WORK TO BE COMPLETED
Look through the material below and copy exactly the lines from the line with "OVERALL ENVELOPE 22.15" to the line with "Ø1 @ 21.16 FR", those two lines included.

GIVEN DATA
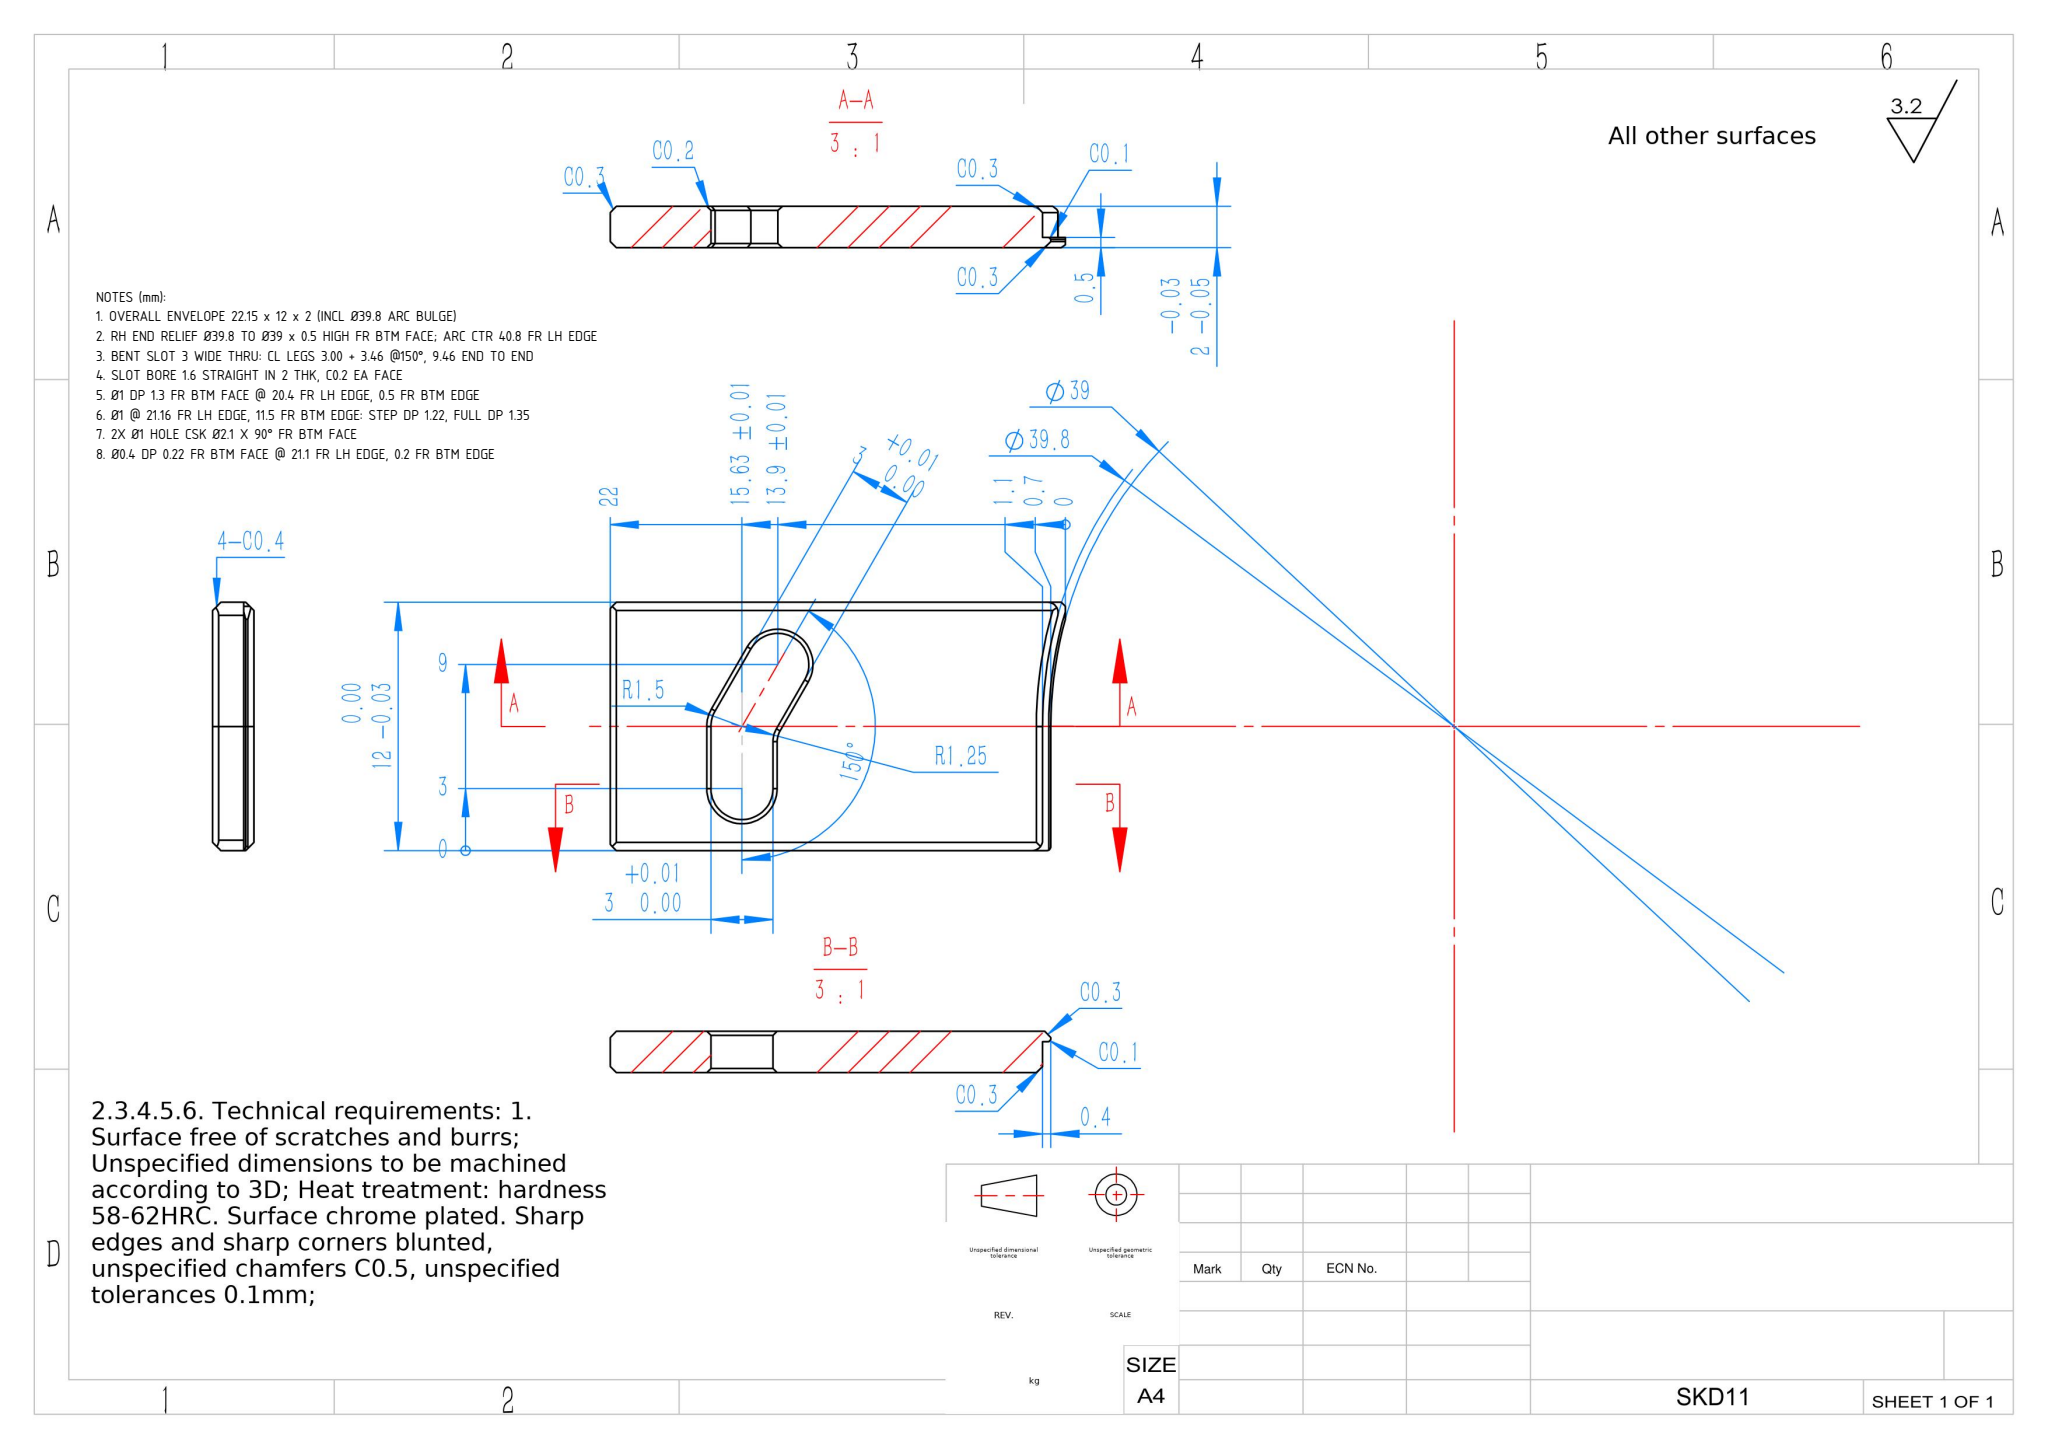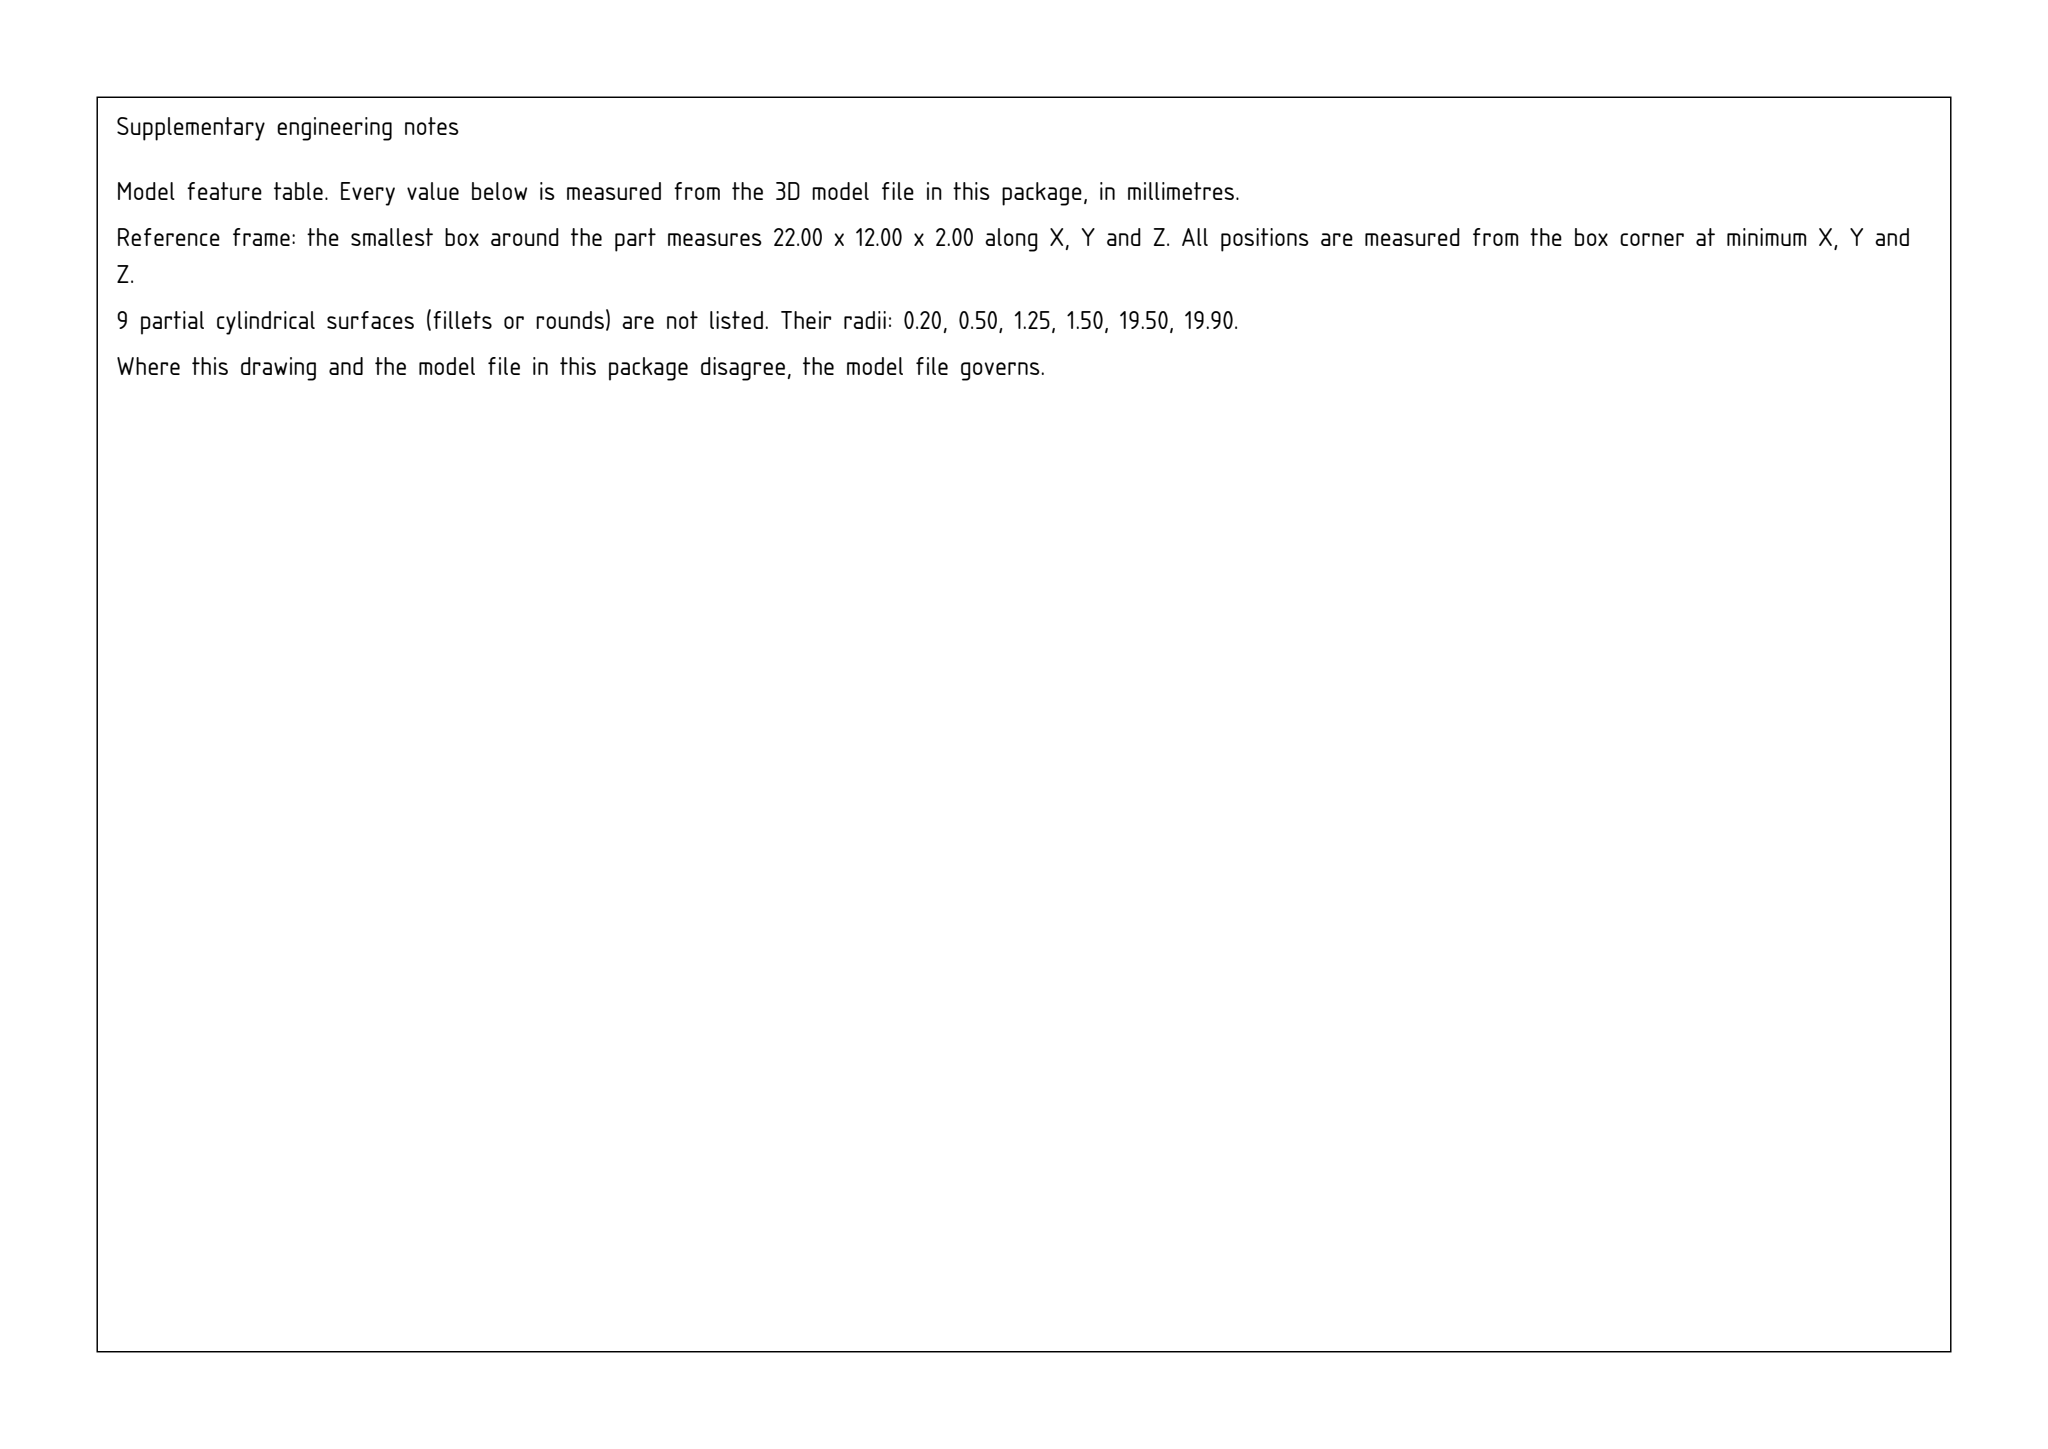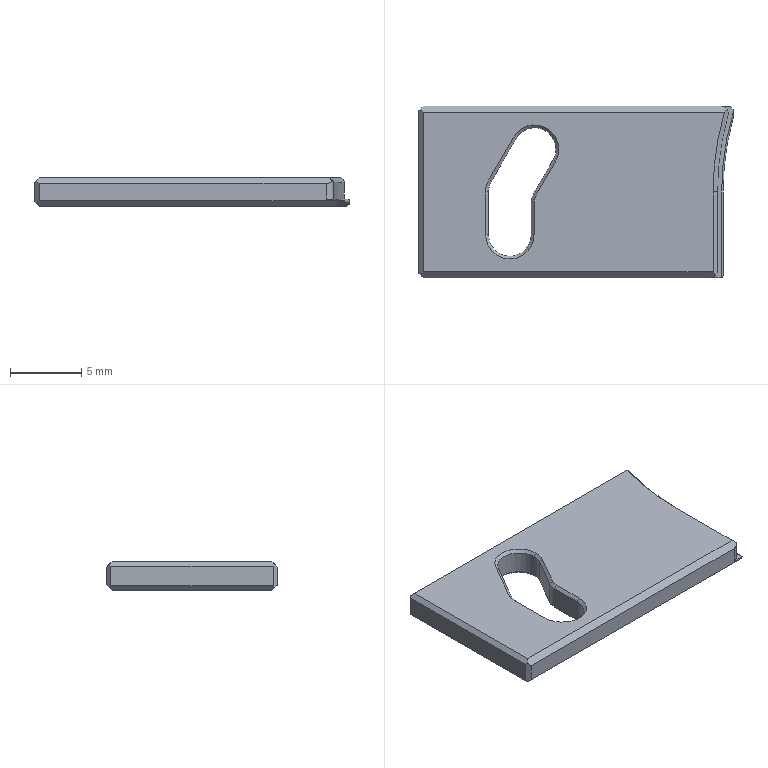Part | SolidWorks | mm | 1 solid | 56 faces | box 22 x 12 x 2 mm | volume 445 mm3 | plane 33 | cone 12 | cylinder 11 | commonest cylinder face diameters 3 x4 1 x3 39.8 x1 39 x1 2.5 x1 0.4 x1
Drawing notes:
OVERALL ENVELOPE 22.15 x 12 x 2 (INCL Ø39.8 ARC BULGE) | from the solid: bbox_xyz 22.151 x 12.0 x 2.0; z-planes 0 and 2.0
RH END RELIEF Ø39.8 TO Ø39 x 0.5 HIGH FR BTM FACE; ARC CTR 40.8 FR LH EDGE | from the solid: x-planes 20.9 & 21.3 (0.4 apart) = Ø39.8 r19.9 / Ø39 r19.5 about ctr x=40.8, y=6.0; z-planes 0 & 0.5
BENT SLOT 3 WIDE THRU: CL LEGS 3.00 + 3.46 @150°, 9.46 END TO END | from the solid: R1.5 end ctrs (6.37,3.0) & (8.1,9.0), bend ctr (6.37,6.0): leg1=3.00, leg2=3.46, +2xR1.5=9.46; R1.25 fillet ctr (9.12,5.26)
SLOT BORE 1.6 STRAIGHT IN 2 THK, C0.2 EA FACE | from the solid: Ø3.0 cyls len 1.6; 90° cones ref Ø3.0/Ø3.4 = 0.2 chamfer each face; 1.6+0.2+0.2=2.0
Ø1 DP 1.3 FR BTM FACE @ 20.4 FR LH EDGE, 0.5 FR BTM EDGE | from the solid: cyl Ø1.0 axis z at (20.4,0.5), length 1.3 of 2.0 thk
Ø1 @ 21.16 FR LH EDGE, 11.5 FR BTM EDGE: STEP DP 1.22, FULL DP 1.35 | from the solid: coaxial Ø1.0 z-cyls at (21.16,11.5), lengths 1.22 and 1.35 from z=0
2X Ø1 HOLE CSK Ø2.1 X 90° FR BTM FACE | from the solid: cones[90.0,2.1] count 2 on the Ø1 holes at (20.4,0.5) and (21.16,11.5)
Ø0.4 DP 0.22 FR BTM FACE @ 21.1 FR LH EDGE, 0.2 FR BTM EDGE | from the solid: cyl Ø0.4 axis z at (21.1,0.2), length 0.22 of 2.0 thk

THE ANSWER
OVERALL ENVELOPE 22.15 x 12 x 2 (INCL Ø39.8 ARC BULGE) | from the solid: bbox_xyz 22.151 x 12.0 x 2.0; z-planes 0 and 2.0
RH END RELIEF Ø39.8 TO Ø39 x 0.5 HIGH FR BTM FACE; ARC CTR 40.8 FR LH EDGE | from the solid: x-planes 20.9 & 21.3 (0.4 apart) = Ø39.8 r19.9 / Ø39 r19.5 about ctr x=40.8, y=6.0; z-planes 0 & 0.5
BENT SLOT 3 WIDE THRU: CL LEGS 3.00 + 3.46 @150°, 9.46 END TO END | from the solid: R1.5 end ctrs (6.37,3.0) & (8.1,9.0), bend ctr (6.37,6.0): leg1=3.00, leg2=3.46, +2xR1.5=9.46; R1.25 fillet ctr (9.12,5.26)
SLOT BORE 1.6 STRAIGHT IN 2 THK, C0.2 EA FACE | from the solid: Ø3.0 cyls len 1.6; 90° cones ref Ø3.0/Ø3.4 = 0.2 chamfer each face; 1.6+0.2+0.2=2.0
Ø1 DP 1.3 FR BTM FACE @ 20.4 FR LH EDGE, 0.5 FR BTM EDGE | from the solid: cyl Ø1.0 axis z at (20.4,0.5), length 1.3 of 2.0 thk
Ø1 @ 21.16 FR LH EDGE, 11.5 FR BTM EDGE: STEP DP 1.22, FULL DP 1.35 | from the solid: coaxial Ø1.0 z-cyls at (21.16,11.5), lengths 1.22 and 1.35 from z=0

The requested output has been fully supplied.